Stored items from a collection
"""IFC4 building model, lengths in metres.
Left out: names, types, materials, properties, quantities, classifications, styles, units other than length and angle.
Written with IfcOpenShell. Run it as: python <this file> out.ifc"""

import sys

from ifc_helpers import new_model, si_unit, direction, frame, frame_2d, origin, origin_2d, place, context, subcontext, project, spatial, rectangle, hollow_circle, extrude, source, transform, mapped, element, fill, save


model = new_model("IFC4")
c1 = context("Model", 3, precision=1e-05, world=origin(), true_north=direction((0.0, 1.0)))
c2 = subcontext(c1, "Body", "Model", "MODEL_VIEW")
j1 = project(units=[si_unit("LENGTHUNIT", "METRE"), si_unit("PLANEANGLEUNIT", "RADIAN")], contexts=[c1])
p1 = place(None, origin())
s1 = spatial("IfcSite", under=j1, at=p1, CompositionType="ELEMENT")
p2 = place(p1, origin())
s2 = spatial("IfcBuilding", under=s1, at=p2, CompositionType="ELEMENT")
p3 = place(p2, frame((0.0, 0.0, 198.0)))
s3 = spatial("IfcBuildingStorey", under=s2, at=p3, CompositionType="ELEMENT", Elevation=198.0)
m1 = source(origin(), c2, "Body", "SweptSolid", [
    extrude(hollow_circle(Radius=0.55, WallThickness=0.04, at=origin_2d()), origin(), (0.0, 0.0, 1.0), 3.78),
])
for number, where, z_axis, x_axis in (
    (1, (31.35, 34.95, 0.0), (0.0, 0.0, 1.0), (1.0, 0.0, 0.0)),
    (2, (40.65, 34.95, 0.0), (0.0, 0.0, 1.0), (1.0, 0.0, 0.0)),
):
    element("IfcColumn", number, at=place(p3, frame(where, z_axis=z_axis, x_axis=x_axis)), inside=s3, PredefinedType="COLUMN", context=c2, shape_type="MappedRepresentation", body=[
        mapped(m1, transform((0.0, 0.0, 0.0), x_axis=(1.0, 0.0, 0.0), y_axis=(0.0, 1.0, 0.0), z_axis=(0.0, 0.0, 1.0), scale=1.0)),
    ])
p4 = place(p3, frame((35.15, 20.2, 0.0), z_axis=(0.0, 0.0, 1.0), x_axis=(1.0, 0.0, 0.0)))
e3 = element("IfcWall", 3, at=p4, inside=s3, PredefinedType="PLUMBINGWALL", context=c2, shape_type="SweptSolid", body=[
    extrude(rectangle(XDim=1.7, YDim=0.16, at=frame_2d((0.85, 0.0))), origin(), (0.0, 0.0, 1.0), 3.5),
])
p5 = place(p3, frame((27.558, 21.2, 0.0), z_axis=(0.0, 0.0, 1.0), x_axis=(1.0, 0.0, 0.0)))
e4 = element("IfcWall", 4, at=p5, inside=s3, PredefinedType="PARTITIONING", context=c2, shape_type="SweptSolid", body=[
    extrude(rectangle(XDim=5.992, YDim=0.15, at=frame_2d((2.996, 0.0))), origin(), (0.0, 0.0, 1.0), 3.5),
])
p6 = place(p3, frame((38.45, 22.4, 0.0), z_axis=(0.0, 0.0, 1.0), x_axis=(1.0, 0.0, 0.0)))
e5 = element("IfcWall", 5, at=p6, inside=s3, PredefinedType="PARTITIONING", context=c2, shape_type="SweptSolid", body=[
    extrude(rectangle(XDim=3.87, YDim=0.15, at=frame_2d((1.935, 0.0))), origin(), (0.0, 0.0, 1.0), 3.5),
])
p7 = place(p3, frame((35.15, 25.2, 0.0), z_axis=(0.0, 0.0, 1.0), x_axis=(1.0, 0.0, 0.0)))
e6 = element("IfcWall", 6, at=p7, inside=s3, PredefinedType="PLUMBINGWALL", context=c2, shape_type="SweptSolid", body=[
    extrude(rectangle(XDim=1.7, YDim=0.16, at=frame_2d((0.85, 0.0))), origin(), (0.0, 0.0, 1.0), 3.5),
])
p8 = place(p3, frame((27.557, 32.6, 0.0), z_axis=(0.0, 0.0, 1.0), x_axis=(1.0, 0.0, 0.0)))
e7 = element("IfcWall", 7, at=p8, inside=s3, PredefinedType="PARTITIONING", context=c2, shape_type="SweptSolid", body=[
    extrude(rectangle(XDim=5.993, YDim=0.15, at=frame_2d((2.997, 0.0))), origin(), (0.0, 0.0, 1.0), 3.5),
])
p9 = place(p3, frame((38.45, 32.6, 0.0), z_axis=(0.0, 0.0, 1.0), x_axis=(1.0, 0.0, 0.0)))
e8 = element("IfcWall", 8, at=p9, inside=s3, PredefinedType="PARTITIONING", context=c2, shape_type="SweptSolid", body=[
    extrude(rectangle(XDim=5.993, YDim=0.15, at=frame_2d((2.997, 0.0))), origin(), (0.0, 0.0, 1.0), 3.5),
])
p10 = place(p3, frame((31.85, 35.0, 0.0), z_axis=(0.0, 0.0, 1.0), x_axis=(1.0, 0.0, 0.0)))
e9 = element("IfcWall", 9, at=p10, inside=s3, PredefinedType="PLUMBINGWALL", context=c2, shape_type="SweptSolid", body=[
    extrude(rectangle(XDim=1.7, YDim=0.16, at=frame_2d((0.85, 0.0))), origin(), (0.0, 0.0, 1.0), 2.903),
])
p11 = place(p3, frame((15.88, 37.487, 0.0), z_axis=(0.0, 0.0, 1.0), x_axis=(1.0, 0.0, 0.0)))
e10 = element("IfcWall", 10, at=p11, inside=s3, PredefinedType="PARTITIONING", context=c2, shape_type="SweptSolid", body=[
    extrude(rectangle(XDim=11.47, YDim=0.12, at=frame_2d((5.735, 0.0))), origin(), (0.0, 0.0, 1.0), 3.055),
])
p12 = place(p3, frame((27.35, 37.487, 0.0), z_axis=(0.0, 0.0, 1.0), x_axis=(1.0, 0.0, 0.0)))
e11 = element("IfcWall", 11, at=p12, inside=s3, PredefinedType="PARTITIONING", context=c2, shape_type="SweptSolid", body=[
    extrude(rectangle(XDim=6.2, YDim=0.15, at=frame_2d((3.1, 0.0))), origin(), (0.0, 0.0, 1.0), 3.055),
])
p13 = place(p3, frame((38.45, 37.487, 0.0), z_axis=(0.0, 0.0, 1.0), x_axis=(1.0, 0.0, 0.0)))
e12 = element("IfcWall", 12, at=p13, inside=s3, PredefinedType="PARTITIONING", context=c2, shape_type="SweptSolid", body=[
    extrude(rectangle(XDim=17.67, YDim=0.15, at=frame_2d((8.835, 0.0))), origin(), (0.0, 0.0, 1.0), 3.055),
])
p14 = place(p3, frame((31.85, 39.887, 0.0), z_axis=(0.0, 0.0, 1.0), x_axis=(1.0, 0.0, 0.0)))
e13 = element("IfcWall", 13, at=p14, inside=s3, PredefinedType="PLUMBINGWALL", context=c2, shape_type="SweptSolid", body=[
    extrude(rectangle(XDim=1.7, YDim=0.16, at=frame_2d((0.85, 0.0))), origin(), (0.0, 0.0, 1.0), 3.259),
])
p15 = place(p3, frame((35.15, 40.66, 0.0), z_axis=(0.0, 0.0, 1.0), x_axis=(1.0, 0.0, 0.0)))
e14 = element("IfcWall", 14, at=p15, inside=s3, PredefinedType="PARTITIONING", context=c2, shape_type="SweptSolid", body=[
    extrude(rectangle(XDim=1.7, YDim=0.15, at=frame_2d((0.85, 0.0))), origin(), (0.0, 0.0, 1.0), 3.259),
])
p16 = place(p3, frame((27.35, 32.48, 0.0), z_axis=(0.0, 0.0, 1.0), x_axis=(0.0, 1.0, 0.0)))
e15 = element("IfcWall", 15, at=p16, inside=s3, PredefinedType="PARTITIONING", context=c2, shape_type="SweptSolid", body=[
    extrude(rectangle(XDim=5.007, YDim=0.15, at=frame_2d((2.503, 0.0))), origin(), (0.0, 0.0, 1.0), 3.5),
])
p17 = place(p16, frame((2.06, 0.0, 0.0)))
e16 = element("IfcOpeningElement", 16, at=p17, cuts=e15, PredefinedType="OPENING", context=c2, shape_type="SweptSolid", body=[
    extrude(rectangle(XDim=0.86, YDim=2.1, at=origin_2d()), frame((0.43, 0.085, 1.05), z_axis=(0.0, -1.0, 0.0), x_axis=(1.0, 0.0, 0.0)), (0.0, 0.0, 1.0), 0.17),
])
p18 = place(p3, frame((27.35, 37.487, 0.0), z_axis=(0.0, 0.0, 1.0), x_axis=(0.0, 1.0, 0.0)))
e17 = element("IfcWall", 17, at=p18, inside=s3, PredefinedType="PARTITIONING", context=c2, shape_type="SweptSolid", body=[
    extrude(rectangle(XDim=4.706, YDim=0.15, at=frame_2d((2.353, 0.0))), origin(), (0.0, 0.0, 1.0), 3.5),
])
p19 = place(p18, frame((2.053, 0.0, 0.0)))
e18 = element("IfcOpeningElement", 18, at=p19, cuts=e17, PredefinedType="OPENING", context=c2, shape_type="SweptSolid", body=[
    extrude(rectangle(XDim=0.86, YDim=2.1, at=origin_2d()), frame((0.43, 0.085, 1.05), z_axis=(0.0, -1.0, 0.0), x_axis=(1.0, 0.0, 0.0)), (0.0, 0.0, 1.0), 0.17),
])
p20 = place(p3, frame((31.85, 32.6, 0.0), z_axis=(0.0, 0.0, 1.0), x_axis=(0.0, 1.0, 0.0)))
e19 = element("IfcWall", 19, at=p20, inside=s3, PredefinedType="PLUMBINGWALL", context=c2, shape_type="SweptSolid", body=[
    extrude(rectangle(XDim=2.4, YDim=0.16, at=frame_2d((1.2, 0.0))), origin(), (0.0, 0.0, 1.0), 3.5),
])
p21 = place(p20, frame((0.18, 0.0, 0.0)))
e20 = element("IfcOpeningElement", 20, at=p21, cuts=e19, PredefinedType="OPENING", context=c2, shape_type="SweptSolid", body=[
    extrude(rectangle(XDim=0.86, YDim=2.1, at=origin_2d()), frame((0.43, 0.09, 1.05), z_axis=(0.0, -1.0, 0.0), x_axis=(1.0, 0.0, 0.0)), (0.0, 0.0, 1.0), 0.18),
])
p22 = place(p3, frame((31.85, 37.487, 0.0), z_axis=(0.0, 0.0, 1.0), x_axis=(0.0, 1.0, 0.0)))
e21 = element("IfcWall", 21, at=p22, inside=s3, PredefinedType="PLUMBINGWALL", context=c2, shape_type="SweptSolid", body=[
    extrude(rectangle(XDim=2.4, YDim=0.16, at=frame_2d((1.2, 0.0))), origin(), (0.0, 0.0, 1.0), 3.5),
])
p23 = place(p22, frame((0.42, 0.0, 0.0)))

**EXERCISE DESCRIPTION**
Copy exactly the lines from the top of the entries through the line with "p1 = place(None, origin())" in it, please, keeping both ends and adding nothing.

**RESPONSE TO THE EXERCISE**
"""IFC4 building model, lengths in metres.
Left out: names, types, materials, properties, quantities, classifications, styles, units other than length and angle.
Written with IfcOpenShell. Run it as: python <this file> out.ifc"""

import sys

from ifc_helpers import new_model, si_unit, direction, frame, frame_2d, origin, origin_2d, place, context, subcontext, project, spatial, rectangle, hollow_circle, extrude, source, transform, mapped, element, fill, save


model = new_model("IFC4")
c1 = context("Model", 3, precision=1e-05, world=origin(), true_north=direction((0.0, 1.0)))
c2 = subcontext(c1, "Body", "Model", "MODEL_VIEW")
j1 = project(units=[si_unit("LENGTHUNIT", "METRE"), si_unit("PLANEANGLEUNIT", "RADIAN")], contexts=[c1])
p1 = place(None, origin())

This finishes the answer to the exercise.